● **WORK ITEM**: Your job is to set down the stretch of entries that opens with the line containing "#3=DIRECTION('',(1.,0.,0.));" and closes with the line containing "#28=DIRECTION('',(1.,0.,0.));". Keep both end lines, copy each exactly, and add nothing.

● **DATASET EXCERPTS**:
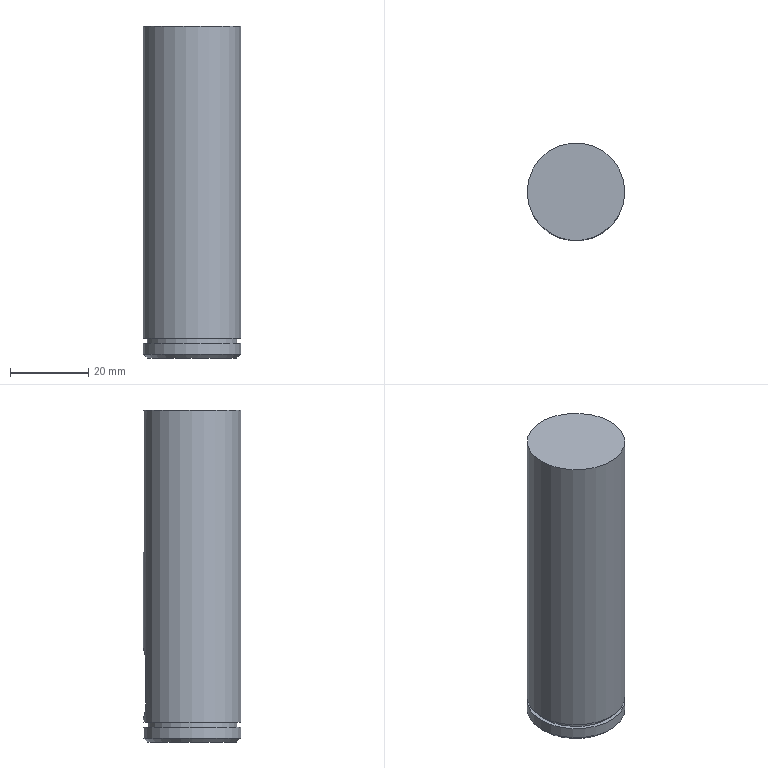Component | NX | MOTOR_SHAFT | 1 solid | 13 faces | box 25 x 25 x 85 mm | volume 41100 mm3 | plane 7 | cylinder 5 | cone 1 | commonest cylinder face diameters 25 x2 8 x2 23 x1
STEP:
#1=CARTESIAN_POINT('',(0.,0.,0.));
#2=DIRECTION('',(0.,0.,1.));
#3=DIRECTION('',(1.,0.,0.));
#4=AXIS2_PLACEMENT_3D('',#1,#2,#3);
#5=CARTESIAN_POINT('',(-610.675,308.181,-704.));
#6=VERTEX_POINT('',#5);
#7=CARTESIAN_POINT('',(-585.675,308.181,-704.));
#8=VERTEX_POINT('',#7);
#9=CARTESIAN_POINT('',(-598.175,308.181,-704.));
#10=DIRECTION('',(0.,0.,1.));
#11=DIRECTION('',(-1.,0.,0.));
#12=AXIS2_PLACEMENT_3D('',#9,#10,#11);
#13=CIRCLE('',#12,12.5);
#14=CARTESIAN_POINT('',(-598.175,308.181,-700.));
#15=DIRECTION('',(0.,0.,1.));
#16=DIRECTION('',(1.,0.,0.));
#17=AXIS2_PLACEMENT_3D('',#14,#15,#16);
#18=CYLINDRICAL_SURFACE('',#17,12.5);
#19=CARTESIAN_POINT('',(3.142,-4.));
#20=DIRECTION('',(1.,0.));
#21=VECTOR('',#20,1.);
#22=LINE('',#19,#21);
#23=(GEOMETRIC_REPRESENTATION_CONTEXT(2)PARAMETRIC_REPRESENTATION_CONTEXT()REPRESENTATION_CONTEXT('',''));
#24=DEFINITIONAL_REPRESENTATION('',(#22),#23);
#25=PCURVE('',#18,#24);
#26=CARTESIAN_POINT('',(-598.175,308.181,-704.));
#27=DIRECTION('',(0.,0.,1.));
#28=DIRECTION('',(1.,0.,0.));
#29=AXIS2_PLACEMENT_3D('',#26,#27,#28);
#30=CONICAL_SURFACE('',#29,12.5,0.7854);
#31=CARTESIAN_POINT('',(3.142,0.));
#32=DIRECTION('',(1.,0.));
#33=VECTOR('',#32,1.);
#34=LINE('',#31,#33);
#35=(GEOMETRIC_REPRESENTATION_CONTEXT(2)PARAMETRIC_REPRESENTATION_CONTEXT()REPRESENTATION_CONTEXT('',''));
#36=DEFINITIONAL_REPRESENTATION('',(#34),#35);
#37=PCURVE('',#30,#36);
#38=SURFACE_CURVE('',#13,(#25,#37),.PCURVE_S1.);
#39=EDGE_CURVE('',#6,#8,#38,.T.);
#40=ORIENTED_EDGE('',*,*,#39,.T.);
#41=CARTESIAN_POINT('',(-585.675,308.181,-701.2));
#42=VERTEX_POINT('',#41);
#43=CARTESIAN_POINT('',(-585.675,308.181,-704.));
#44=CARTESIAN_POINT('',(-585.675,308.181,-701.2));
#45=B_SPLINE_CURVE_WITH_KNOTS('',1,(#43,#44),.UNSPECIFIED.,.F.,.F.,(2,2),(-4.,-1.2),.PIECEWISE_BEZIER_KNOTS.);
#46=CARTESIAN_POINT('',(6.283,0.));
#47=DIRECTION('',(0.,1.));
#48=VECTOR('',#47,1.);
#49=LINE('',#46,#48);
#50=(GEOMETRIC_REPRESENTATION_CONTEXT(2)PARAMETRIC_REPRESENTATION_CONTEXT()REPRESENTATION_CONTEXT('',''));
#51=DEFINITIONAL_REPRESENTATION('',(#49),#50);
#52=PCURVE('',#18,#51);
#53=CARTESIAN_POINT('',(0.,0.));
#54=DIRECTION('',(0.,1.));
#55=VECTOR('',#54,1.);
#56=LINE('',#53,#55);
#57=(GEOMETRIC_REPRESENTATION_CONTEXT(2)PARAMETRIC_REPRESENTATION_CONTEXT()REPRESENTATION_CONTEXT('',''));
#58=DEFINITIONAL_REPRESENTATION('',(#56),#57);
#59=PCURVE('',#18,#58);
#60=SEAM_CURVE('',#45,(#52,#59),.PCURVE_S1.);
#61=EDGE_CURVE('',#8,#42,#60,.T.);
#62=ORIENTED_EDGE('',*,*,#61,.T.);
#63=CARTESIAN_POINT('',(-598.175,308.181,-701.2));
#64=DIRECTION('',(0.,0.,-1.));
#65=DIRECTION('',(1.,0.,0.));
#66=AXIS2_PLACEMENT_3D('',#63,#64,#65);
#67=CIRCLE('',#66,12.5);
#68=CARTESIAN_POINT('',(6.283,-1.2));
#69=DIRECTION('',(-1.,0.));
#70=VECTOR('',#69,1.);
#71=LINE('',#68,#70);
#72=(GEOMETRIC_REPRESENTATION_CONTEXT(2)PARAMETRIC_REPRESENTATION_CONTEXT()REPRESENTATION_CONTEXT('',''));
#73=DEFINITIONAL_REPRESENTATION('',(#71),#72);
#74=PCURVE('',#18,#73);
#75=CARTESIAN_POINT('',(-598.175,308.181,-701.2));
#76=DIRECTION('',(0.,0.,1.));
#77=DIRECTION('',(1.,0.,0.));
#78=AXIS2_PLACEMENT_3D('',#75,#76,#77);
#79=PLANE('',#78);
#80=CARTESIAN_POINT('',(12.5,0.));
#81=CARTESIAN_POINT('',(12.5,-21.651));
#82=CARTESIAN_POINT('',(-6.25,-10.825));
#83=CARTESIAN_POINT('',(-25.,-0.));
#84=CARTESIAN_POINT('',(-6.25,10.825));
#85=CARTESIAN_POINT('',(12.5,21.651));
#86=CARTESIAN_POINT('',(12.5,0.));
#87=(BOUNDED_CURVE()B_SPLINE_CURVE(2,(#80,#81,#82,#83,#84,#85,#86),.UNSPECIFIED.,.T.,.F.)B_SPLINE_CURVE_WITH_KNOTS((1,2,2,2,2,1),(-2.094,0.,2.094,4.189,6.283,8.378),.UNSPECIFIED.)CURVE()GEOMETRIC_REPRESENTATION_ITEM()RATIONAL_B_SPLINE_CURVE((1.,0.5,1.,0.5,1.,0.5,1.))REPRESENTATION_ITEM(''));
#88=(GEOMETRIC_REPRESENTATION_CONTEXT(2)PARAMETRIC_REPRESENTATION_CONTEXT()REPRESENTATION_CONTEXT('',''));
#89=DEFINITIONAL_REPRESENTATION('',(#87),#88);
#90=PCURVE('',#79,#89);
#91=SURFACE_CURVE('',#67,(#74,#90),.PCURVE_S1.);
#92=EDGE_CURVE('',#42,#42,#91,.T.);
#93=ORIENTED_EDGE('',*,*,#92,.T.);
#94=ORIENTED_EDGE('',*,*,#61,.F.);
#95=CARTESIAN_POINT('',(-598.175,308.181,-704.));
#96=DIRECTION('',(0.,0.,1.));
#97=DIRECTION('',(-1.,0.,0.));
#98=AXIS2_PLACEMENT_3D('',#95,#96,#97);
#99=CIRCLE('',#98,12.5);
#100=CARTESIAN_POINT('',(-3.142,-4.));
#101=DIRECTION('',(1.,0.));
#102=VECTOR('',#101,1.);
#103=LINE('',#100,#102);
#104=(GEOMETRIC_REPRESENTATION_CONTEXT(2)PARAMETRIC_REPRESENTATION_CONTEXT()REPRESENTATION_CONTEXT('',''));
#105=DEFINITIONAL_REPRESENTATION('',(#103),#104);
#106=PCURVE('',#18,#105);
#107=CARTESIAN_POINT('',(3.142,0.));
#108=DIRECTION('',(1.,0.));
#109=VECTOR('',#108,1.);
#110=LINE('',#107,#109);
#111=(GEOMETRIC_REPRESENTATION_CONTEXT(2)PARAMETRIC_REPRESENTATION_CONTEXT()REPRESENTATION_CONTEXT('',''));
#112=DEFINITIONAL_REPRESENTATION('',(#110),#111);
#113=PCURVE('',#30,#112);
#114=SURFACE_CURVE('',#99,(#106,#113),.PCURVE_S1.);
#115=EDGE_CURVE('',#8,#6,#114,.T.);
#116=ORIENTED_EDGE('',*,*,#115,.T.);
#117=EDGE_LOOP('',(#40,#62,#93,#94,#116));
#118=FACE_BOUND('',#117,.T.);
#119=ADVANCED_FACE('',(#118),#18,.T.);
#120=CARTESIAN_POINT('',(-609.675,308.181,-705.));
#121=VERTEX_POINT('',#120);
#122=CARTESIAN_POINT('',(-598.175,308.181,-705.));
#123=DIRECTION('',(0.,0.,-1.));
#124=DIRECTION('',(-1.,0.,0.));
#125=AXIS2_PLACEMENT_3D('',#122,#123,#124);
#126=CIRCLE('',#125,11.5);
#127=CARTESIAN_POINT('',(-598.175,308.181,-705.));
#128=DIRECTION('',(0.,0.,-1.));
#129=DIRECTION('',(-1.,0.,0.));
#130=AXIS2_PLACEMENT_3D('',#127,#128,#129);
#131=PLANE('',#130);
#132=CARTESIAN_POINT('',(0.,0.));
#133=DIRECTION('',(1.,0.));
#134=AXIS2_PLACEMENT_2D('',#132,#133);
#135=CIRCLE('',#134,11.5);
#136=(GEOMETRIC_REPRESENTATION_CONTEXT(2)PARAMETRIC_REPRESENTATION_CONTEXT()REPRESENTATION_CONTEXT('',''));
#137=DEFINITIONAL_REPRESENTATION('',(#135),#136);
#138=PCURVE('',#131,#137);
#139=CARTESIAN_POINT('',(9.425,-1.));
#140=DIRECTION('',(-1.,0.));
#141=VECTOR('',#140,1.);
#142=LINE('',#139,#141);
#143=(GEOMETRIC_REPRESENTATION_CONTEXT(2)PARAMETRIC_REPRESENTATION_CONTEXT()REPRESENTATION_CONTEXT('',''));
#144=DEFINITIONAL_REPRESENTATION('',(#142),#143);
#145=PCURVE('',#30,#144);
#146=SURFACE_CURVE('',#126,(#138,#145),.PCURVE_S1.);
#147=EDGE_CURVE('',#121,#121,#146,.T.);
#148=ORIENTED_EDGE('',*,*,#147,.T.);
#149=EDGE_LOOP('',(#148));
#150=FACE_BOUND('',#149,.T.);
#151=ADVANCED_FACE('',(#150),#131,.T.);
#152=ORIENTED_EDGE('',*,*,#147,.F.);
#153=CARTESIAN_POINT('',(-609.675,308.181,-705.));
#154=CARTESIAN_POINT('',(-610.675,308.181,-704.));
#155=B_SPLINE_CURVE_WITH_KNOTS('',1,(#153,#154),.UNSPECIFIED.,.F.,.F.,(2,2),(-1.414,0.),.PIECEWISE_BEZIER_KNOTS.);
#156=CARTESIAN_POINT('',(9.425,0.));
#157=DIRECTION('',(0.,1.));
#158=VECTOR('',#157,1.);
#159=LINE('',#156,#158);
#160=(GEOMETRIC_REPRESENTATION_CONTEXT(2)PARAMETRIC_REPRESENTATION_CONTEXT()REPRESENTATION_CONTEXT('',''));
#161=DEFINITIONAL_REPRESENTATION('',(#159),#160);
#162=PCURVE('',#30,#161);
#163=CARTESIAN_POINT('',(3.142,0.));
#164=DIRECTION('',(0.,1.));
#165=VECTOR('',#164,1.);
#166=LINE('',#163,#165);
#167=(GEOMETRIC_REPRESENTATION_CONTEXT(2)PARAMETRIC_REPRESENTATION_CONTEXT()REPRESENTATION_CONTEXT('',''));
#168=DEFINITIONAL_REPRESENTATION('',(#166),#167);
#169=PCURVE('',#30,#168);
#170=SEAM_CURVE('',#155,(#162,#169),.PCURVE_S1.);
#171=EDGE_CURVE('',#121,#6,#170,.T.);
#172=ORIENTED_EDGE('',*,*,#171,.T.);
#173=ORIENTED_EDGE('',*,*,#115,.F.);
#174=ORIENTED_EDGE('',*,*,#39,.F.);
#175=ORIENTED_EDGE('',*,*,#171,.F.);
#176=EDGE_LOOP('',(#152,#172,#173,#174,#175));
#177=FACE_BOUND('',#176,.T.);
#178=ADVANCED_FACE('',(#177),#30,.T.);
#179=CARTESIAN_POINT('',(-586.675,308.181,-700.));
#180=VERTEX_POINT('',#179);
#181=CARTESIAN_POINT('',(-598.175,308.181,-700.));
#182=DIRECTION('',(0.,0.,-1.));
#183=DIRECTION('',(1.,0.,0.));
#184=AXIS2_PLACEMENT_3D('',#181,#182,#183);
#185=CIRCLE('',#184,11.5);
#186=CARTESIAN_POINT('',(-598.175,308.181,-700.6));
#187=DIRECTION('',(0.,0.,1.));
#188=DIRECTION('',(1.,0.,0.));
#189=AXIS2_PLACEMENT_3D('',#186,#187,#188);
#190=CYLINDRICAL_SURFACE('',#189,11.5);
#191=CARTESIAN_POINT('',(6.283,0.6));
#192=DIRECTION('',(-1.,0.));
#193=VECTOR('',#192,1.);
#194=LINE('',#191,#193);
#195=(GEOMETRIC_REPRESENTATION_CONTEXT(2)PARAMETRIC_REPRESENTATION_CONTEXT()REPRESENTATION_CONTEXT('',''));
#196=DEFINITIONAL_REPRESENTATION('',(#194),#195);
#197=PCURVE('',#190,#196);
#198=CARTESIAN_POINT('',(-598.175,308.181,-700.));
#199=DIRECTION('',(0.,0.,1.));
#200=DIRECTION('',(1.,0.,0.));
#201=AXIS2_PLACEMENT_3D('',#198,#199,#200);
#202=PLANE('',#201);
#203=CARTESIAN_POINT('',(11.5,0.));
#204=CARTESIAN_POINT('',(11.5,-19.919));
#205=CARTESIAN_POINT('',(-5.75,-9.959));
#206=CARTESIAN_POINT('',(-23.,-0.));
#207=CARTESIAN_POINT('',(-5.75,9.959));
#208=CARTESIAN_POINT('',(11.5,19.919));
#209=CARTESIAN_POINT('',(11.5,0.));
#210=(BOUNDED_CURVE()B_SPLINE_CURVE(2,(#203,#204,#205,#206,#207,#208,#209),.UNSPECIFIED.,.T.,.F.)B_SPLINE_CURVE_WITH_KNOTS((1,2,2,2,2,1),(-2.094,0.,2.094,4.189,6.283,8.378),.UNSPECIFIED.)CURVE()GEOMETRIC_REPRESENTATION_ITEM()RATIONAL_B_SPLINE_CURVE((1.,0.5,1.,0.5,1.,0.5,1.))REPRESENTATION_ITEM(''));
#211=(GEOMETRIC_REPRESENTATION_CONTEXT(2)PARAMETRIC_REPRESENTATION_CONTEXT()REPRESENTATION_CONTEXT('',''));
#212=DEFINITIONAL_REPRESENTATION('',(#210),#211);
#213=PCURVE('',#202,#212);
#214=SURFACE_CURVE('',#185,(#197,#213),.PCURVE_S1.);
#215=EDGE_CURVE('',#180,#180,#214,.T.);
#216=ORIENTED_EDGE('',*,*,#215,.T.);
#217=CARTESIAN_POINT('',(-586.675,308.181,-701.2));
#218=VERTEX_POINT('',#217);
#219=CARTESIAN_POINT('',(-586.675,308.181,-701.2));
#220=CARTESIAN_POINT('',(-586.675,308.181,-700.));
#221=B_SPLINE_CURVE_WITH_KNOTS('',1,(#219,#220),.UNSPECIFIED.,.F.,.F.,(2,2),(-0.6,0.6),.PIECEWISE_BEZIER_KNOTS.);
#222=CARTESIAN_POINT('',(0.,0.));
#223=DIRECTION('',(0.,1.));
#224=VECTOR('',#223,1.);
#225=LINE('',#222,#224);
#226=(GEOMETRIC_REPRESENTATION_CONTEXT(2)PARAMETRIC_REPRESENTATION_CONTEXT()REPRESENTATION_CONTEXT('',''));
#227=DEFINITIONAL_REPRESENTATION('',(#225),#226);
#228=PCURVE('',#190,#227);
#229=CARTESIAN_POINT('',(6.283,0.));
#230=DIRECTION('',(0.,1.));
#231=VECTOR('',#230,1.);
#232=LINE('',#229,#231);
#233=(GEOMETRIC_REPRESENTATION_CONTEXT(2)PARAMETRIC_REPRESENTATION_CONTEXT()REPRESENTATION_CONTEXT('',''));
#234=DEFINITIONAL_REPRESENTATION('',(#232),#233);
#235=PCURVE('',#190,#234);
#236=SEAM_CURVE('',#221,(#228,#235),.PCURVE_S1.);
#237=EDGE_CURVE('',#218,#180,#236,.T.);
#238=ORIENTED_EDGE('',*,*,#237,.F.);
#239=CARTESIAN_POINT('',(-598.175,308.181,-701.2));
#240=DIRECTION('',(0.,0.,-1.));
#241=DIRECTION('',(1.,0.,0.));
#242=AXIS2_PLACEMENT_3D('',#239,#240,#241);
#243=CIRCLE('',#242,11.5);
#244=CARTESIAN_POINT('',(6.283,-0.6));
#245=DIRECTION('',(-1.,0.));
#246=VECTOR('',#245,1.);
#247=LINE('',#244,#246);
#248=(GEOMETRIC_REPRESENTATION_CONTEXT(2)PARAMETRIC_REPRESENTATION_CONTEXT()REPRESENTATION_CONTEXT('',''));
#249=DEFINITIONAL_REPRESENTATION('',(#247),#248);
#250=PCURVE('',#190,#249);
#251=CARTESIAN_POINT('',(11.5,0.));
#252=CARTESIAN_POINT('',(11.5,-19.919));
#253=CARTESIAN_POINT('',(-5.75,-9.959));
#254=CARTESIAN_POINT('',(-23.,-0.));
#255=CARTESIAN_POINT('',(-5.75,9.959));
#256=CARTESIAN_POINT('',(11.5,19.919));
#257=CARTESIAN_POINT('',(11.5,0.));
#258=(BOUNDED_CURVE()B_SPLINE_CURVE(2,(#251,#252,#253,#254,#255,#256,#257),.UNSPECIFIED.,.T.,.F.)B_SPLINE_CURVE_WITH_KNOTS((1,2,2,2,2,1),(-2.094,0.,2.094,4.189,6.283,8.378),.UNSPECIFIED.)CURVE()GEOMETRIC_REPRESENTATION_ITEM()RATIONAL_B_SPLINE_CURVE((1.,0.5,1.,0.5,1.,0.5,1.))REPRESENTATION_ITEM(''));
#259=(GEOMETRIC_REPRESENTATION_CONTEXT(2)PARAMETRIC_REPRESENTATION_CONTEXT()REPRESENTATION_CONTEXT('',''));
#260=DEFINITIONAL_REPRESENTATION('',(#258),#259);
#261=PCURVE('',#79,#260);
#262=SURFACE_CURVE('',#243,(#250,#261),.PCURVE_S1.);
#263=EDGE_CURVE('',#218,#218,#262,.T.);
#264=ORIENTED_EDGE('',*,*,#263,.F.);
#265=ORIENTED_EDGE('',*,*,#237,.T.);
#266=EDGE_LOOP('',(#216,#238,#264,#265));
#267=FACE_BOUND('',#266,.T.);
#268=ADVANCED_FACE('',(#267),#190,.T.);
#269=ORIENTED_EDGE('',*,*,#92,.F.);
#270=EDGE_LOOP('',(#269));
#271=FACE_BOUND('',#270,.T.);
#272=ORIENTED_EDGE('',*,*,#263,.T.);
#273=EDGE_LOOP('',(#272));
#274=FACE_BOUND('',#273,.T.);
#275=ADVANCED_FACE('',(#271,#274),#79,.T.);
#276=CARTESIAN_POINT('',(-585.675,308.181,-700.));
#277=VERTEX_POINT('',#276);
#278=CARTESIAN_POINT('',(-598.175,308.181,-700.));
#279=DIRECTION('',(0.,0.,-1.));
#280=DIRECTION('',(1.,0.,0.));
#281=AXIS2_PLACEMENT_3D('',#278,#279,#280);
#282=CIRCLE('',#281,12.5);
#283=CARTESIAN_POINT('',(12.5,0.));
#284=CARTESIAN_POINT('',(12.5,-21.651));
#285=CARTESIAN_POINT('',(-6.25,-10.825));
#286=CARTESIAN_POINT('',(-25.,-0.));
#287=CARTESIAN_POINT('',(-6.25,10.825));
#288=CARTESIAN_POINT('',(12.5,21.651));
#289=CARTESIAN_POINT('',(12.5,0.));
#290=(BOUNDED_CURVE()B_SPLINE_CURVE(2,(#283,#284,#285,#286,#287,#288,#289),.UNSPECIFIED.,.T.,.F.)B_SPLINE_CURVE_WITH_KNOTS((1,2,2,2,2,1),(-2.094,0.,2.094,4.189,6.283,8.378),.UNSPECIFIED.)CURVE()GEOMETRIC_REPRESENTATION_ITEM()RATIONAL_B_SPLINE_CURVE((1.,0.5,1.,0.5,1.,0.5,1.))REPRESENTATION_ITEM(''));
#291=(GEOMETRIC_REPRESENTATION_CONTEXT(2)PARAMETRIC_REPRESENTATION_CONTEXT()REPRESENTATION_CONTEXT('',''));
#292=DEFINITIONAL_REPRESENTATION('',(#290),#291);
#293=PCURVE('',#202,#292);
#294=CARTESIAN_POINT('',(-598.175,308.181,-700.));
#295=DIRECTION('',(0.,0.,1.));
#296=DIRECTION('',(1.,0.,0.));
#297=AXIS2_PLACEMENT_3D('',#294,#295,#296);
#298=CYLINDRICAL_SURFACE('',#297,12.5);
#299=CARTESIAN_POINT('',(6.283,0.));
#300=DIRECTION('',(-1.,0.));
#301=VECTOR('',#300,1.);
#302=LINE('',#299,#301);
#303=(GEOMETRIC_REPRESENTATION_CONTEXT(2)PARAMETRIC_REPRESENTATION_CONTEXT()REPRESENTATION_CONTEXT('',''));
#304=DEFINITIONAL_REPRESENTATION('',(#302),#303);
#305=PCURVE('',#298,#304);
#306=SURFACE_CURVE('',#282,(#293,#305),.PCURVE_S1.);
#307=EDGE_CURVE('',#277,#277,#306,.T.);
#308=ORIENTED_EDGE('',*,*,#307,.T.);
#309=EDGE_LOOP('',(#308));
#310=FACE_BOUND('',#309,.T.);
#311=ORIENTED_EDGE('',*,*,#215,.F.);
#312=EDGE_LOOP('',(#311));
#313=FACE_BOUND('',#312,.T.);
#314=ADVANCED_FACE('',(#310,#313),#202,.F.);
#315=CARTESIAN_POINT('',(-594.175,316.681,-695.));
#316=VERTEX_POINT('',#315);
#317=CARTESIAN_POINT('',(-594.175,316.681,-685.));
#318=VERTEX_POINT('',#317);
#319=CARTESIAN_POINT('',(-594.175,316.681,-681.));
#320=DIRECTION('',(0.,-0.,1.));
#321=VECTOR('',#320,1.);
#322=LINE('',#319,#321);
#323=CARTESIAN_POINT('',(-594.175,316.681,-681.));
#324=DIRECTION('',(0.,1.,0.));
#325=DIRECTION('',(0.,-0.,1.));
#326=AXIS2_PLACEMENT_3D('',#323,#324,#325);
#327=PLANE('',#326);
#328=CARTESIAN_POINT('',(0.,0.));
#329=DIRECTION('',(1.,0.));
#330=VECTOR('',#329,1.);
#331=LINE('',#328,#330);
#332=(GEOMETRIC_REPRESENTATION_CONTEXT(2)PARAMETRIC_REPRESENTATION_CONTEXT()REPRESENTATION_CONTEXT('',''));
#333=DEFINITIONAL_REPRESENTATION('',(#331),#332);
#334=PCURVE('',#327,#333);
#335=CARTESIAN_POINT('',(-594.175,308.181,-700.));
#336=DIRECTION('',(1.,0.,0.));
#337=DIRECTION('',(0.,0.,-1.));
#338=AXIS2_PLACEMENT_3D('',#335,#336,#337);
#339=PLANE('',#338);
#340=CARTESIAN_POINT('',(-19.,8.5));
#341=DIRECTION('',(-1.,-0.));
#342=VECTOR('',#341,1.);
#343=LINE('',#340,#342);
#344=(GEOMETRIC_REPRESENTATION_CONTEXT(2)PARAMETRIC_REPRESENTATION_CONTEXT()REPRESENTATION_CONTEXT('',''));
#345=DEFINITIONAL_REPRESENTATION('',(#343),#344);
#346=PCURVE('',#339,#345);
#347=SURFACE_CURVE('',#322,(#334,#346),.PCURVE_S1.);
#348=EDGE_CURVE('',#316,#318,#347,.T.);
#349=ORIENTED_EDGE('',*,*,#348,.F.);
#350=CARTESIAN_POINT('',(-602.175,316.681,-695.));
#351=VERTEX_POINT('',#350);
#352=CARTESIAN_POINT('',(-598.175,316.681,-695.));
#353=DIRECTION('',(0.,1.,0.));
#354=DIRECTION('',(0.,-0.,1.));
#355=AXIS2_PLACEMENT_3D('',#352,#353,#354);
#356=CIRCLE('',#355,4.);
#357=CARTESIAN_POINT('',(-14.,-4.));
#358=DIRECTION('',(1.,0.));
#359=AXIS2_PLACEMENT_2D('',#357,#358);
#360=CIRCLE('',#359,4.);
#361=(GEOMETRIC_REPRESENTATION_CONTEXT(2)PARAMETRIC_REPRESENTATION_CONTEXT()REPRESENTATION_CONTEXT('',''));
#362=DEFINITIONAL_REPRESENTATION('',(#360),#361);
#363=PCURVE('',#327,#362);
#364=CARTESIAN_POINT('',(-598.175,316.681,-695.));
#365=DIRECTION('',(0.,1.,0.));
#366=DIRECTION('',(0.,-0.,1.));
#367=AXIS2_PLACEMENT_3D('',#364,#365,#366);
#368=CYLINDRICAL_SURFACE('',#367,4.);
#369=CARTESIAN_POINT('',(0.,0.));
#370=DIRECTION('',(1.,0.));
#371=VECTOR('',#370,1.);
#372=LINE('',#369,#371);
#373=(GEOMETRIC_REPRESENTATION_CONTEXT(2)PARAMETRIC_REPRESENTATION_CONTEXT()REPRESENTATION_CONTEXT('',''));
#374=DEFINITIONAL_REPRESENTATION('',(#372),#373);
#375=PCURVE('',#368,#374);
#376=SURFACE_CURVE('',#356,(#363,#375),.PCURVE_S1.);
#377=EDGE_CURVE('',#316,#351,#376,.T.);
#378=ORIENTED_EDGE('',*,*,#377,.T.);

● **REPLY TO THE EXERCISE**:
#3=DIRECTION('',(1.,0.,0.));
#4=AXIS2_PLACEMENT_3D('',#1,#2,#3);
#5=CARTESIAN_POINT('',(-610.675,308.181,-704.));
#6=VERTEX_POINT('',#5);
#7=CARTESIAN_POINT('',(-585.675,308.181,-704.));
#8=VERTEX_POINT('',#7);
#9=CARTESIAN_POINT('',(-598.175,308.181,-704.));
#10=DIRECTION('',(0.,0.,1.));
#11=DIRECTION('',(-1.,0.,0.));
#12=AXIS2_PLACEMENT_3D('',#9,#10,#11);
#13=CIRCLE('',#12,12.5);
#14=CARTESIAN_POINT('',(-598.175,308.181,-700.));
#15=DIRECTION('',(0.,0.,1.));
#16=DIRECTION('',(1.,0.,0.));
#17=AXIS2_PLACEMENT_3D('',#14,#15,#16);
#18=CYLINDRICAL_SURFACE('',#17,12.5);
#19=CARTESIAN_POINT('',(3.142,-4.));
#20=DIRECTION('',(1.,0.));
#21=VECTOR('',#20,1.);
#22=LINE('',#19,#21);
#23=(GEOMETRIC_REPRESENTATION_CONTEXT(2)PARAMETRIC_REPRESENTATION_CONTEXT()REPRESENTATION_CONTEXT('',''));
#24=DEFINITIONAL_REPRESENTATION('',(#22),#23);
#25=PCURVE('',#18,#24);
#26=CARTESIAN_POINT('',(-598.175,308.181,-704.));
#27=DIRECTION('',(0.,0.,1.));
#28=DIRECTION('',(1.,0.,0.));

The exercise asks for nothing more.